§ ASSIGNMENT: Please give again, exactly and only, the stretch of lines from the one containing "line L5 (-35, -15)" to the end of the entries below.

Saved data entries
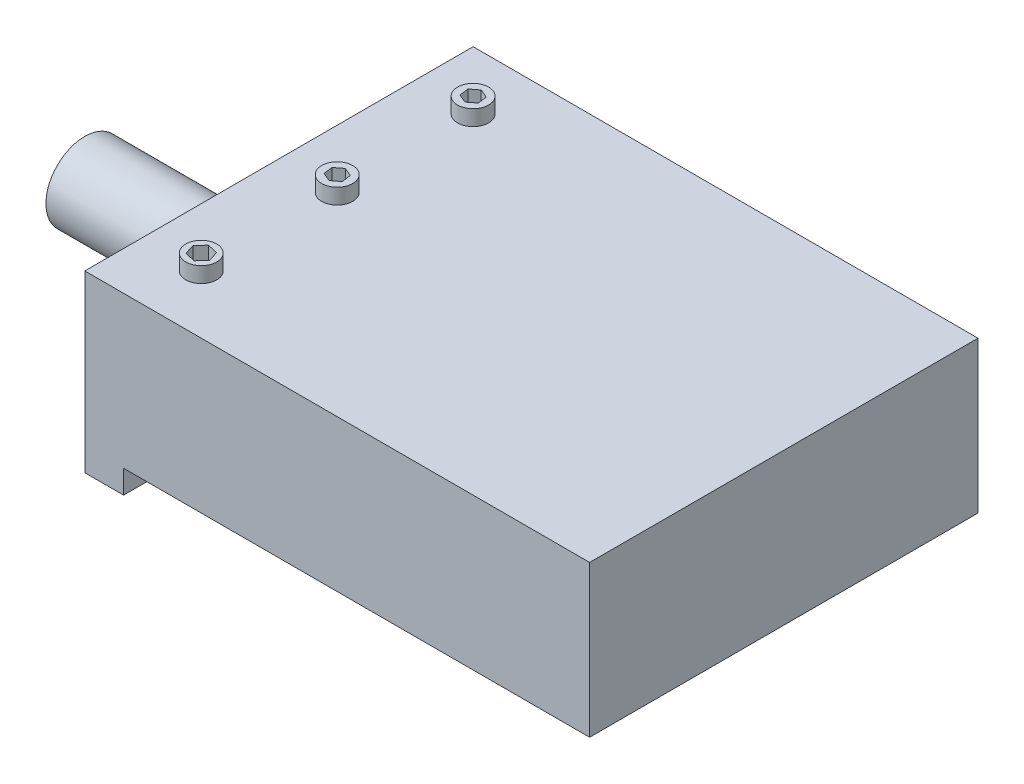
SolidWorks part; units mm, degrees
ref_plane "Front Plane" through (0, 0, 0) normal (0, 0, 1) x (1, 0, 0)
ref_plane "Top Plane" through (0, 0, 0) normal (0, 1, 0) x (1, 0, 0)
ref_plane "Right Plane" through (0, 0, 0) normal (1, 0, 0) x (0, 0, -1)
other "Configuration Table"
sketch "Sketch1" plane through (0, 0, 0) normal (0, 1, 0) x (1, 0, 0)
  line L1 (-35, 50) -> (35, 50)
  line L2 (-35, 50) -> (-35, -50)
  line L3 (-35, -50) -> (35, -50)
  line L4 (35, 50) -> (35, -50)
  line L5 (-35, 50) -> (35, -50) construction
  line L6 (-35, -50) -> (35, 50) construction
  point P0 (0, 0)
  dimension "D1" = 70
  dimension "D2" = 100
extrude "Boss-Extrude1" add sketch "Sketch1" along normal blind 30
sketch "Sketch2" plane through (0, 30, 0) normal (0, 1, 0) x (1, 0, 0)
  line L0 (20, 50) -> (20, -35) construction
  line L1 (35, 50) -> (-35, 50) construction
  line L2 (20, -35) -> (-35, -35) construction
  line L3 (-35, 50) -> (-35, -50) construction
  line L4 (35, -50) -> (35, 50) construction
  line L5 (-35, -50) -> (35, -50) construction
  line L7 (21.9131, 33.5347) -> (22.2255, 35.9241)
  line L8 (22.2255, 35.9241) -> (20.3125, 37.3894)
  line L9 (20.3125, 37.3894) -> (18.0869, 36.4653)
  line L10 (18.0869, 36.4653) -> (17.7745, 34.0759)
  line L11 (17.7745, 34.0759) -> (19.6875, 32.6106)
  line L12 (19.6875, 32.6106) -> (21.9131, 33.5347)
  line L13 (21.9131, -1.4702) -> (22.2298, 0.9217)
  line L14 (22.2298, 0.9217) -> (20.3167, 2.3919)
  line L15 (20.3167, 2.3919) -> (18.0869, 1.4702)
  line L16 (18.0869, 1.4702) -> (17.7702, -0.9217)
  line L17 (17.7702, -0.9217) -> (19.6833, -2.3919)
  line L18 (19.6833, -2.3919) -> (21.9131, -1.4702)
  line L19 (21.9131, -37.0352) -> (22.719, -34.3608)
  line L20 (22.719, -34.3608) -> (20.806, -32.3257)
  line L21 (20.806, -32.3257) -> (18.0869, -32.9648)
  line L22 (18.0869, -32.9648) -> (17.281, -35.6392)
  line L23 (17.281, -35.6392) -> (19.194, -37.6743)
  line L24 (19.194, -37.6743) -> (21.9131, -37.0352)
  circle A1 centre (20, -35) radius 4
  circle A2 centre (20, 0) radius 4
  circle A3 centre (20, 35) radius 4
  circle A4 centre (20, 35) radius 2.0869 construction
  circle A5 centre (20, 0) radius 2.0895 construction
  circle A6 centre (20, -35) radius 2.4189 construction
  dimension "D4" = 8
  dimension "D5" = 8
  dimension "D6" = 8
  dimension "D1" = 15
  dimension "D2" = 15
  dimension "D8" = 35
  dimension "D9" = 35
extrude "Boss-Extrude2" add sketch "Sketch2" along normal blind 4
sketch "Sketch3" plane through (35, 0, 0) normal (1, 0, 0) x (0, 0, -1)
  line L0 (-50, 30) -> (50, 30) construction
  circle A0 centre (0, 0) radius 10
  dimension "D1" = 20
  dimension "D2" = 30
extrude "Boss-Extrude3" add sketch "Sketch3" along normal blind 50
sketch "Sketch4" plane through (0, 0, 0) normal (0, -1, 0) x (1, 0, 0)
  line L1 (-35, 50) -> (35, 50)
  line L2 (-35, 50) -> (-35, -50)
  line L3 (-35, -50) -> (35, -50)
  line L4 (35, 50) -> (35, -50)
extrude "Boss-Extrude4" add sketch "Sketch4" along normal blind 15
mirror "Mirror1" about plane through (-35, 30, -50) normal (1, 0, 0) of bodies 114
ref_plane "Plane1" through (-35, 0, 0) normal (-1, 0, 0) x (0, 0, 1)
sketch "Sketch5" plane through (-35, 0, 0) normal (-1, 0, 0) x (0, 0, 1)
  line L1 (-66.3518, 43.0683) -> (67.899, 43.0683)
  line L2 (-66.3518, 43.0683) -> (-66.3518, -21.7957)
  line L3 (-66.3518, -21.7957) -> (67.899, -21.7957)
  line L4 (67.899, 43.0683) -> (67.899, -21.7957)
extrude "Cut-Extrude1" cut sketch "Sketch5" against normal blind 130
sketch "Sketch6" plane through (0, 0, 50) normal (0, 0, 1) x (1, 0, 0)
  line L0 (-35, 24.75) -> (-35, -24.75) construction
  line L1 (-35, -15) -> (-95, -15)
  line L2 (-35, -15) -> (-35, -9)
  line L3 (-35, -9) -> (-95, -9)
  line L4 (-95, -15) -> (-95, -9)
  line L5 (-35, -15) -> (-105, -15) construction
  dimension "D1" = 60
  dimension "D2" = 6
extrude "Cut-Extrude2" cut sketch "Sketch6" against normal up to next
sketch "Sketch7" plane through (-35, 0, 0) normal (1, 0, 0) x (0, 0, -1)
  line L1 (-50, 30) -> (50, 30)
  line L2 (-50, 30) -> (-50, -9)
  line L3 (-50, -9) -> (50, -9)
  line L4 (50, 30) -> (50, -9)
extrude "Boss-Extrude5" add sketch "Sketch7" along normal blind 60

§ RESPONSE TO THE TASK:
  line L5 (-35, -15) -> (-105, -15) construction
  dimension "D1" = 60
  dimension "D2" = 6
extrude "Cut-Extrude2" cut sketch "Sketch6" against normal up to next
sketch "Sketch7" plane through (-35, 0, 0) normal (1, 0, 0) x (0, 0, -1)
  line L1 (-50, 30) -> (50, 30)
  line L2 (-50, 30) -> (-50, -9)
  line L3 (-50, -9) -> (50, -9)
  line L4 (50, 30) -> (50, -9)
extrude "Boss-Extrude5" add sketch "Sketch7" along normal blind 60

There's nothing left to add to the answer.